*** SUPPLIED RECORDS ***
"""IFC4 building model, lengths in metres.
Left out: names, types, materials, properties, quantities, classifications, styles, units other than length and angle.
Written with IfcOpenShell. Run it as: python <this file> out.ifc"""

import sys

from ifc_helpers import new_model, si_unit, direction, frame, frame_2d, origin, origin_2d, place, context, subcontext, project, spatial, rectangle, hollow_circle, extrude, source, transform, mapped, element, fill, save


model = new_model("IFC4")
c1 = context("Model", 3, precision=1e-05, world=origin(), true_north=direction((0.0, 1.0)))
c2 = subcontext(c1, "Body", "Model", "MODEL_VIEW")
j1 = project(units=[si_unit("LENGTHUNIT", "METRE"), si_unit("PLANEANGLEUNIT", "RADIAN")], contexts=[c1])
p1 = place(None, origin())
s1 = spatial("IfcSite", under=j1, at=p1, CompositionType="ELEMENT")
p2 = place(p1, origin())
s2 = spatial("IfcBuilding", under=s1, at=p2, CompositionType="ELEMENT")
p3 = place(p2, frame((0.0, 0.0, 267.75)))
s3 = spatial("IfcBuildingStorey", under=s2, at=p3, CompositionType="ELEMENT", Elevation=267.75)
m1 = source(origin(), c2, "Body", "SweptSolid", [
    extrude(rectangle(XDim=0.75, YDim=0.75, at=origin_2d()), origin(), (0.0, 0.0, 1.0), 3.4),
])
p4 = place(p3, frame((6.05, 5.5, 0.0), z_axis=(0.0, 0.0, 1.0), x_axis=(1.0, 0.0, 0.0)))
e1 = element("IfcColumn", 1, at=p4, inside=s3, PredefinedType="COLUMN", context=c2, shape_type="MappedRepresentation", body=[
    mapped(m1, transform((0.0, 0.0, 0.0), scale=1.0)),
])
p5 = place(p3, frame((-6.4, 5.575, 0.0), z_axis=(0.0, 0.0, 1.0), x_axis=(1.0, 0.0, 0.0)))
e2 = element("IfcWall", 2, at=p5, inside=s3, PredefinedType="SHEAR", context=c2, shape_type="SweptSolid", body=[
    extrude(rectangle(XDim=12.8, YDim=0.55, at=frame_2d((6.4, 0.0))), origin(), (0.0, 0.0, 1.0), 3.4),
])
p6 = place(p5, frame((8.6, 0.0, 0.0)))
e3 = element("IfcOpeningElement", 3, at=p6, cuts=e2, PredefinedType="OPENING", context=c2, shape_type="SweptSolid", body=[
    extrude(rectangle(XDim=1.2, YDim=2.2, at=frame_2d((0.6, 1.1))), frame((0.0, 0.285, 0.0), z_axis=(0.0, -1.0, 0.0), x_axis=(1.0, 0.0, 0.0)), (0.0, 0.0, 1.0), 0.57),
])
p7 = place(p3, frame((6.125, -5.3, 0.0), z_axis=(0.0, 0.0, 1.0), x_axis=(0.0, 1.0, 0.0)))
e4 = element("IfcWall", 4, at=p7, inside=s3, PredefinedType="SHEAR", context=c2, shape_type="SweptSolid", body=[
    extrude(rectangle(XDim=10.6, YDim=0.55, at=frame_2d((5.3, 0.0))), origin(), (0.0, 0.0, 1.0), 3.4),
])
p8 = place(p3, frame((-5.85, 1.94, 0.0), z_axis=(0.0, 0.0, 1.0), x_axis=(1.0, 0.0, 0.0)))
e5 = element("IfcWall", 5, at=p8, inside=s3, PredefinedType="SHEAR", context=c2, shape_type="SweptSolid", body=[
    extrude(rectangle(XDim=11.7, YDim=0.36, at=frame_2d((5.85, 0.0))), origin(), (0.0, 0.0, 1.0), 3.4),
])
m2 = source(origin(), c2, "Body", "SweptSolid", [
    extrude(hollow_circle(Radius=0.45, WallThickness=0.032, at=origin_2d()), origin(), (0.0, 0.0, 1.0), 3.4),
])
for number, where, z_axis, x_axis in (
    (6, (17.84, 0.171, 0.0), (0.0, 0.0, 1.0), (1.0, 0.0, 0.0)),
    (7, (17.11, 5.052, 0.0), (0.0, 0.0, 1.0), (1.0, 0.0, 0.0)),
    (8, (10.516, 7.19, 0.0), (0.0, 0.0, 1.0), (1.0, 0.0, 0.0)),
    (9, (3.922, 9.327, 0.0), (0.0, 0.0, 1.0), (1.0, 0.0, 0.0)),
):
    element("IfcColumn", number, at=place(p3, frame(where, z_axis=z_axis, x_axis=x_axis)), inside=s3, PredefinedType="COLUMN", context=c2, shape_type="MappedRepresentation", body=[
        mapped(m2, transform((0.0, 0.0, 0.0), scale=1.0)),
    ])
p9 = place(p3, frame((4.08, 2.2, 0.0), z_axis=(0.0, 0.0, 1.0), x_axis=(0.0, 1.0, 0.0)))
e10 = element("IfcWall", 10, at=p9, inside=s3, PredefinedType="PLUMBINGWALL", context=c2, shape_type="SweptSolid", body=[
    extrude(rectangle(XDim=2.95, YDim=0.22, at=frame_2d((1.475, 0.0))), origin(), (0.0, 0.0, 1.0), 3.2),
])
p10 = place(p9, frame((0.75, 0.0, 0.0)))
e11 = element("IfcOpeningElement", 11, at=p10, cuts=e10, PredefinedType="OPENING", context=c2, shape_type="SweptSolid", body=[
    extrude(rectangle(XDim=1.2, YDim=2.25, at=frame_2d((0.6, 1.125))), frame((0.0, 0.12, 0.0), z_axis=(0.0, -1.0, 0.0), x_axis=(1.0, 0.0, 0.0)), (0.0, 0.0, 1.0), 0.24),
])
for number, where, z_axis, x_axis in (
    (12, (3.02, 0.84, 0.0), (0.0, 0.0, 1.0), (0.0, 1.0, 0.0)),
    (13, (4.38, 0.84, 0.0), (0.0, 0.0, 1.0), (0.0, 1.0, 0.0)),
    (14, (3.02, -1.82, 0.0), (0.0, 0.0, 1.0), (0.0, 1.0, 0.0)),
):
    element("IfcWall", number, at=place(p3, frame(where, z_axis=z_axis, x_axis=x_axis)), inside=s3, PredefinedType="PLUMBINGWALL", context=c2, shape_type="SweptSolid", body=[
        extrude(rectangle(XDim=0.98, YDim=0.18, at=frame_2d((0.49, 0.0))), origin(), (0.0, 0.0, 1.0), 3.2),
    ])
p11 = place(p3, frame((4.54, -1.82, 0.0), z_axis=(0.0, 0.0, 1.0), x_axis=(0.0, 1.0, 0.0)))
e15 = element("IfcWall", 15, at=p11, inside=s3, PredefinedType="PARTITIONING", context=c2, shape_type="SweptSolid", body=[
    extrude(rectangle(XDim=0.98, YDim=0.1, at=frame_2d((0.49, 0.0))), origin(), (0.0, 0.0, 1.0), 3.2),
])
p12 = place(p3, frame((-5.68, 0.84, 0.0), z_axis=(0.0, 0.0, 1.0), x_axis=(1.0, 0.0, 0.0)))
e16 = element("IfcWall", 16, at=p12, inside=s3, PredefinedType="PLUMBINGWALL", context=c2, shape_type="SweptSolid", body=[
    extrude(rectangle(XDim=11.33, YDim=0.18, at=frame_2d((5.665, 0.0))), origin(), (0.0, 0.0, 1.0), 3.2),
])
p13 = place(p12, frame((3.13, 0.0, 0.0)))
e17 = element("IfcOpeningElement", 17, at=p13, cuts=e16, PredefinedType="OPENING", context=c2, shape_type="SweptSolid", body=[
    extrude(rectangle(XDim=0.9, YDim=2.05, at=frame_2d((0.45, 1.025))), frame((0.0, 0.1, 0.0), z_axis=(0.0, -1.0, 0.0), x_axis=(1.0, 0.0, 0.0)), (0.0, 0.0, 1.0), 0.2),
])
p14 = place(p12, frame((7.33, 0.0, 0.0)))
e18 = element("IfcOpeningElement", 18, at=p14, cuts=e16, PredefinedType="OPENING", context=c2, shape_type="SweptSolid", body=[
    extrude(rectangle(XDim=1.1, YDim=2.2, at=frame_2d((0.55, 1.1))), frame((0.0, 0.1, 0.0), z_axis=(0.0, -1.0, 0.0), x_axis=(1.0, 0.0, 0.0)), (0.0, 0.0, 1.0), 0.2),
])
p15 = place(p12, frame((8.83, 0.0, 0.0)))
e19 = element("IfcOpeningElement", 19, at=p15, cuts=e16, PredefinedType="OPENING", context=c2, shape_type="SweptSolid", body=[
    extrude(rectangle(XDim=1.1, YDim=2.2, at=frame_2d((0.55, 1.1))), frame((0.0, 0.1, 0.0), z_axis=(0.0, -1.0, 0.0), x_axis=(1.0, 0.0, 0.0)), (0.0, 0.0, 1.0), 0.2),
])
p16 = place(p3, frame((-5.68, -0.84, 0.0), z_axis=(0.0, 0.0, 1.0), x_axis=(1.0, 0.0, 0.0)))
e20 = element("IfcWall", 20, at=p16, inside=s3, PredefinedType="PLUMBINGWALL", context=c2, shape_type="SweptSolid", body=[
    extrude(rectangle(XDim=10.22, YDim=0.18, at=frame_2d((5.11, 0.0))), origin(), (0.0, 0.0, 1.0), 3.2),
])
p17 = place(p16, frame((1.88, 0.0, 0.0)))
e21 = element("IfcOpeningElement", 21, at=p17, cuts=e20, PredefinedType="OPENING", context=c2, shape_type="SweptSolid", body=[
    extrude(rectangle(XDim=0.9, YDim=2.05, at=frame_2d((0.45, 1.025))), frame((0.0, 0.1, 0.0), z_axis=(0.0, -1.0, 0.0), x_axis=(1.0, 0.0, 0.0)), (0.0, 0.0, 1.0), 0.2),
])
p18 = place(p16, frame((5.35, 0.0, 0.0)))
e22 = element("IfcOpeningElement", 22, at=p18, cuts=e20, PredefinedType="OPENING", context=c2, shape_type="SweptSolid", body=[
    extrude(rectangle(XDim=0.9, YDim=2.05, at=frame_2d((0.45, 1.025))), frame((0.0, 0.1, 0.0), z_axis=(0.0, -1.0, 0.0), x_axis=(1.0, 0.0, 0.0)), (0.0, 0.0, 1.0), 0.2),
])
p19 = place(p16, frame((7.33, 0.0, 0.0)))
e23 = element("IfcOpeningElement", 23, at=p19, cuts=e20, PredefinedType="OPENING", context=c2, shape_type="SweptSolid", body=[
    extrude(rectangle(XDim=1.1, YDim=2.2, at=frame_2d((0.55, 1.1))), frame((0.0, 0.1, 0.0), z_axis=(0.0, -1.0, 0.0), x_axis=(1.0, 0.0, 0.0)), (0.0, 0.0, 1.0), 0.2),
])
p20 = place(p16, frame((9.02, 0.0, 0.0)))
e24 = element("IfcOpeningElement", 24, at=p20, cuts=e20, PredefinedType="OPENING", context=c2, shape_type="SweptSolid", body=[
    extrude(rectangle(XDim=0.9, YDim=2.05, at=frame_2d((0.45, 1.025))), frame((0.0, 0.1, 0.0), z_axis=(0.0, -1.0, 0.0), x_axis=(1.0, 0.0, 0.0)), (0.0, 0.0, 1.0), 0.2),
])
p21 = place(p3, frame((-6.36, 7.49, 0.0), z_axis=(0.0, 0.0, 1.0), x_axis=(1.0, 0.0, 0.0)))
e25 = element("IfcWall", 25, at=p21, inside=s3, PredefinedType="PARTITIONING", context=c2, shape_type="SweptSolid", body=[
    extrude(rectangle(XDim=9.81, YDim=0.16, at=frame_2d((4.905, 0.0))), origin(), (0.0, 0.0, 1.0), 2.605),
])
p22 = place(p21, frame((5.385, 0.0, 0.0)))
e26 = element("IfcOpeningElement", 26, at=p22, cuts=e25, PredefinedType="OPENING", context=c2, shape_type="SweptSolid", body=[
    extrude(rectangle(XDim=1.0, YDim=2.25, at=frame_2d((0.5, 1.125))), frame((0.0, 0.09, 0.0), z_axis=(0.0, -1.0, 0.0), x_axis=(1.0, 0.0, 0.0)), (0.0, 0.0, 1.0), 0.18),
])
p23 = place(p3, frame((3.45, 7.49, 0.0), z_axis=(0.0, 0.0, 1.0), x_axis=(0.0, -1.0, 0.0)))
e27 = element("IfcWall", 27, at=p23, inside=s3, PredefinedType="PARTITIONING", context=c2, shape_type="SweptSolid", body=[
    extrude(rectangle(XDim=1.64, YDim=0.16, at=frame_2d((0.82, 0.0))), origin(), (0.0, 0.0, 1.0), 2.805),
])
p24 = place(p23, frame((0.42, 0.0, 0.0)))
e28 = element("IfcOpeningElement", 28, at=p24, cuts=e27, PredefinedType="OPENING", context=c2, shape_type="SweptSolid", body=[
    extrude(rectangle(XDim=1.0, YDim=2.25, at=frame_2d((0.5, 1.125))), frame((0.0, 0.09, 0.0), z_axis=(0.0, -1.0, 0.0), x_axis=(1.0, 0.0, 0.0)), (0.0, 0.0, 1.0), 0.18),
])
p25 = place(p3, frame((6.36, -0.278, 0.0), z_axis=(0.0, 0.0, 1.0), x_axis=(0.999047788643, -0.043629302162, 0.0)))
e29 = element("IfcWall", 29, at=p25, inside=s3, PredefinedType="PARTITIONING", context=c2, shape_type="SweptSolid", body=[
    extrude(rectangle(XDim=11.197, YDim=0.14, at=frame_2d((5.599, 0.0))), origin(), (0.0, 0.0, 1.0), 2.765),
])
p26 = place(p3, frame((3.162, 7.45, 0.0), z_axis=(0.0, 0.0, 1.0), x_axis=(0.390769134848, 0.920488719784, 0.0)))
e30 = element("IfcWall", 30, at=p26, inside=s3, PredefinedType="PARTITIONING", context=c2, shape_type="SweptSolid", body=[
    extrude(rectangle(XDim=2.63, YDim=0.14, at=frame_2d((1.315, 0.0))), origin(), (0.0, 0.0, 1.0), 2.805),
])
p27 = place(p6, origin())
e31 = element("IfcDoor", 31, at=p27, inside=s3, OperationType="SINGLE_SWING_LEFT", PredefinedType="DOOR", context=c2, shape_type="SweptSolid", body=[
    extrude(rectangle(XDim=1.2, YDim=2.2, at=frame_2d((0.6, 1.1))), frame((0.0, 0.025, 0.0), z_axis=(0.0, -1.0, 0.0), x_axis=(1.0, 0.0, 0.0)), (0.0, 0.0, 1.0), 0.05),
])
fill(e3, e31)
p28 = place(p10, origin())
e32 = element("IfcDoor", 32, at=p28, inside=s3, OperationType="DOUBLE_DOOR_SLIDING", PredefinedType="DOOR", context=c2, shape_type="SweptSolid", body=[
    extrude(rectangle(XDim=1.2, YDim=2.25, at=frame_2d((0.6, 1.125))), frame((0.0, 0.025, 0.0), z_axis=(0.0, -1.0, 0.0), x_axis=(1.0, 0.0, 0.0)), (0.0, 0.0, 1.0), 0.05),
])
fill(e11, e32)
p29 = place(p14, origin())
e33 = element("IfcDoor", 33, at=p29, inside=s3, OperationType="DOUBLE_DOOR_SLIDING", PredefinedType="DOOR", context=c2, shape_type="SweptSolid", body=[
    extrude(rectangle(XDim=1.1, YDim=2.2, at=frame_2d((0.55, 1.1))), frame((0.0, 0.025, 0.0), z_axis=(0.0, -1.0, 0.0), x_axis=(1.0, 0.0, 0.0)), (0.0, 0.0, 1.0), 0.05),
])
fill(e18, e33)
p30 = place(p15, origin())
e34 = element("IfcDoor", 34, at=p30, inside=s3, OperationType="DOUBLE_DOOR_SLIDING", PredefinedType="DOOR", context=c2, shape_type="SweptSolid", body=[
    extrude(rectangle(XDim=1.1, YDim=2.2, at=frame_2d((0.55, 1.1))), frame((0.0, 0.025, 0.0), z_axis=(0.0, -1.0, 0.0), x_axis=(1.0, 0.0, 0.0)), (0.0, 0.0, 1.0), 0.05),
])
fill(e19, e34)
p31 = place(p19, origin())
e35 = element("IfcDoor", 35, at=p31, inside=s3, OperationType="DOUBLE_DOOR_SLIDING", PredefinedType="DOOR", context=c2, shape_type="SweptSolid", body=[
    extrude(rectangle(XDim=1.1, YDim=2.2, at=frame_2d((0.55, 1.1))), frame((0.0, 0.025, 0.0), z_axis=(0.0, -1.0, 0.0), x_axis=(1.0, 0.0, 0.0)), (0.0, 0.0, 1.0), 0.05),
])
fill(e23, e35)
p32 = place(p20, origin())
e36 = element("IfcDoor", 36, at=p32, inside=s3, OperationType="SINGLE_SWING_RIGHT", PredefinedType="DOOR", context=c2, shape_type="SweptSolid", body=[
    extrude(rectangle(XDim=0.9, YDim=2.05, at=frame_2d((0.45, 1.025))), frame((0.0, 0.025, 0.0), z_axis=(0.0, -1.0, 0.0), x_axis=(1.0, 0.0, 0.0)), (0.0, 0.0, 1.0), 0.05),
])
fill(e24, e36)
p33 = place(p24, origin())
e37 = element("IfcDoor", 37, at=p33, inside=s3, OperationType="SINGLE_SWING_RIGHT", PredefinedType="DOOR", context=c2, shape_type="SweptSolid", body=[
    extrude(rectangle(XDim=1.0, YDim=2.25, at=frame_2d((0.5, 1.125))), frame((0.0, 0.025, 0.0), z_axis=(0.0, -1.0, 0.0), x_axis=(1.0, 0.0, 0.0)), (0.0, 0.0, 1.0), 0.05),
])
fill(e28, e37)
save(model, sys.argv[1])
***
▸ **ASSIGNED TASK**:
Go through the listing, and whenever a line contains the string "MappedRepresentation", copy that line.

▸ **WRITTEN RESPONSE**:
e1 = element("IfcColumn", 1, at=p4, inside=s3, PredefinedType="COLUMN", context=c2, shape_type="MappedRepresentation", body=[
    element("IfcColumn", number, at=place(p3, frame(where, z_axis=z_axis, x_axis=x_axis)), inside=s3, PredefinedType="COLUMN", context=c2, shape_type="MappedRepresentation", body=[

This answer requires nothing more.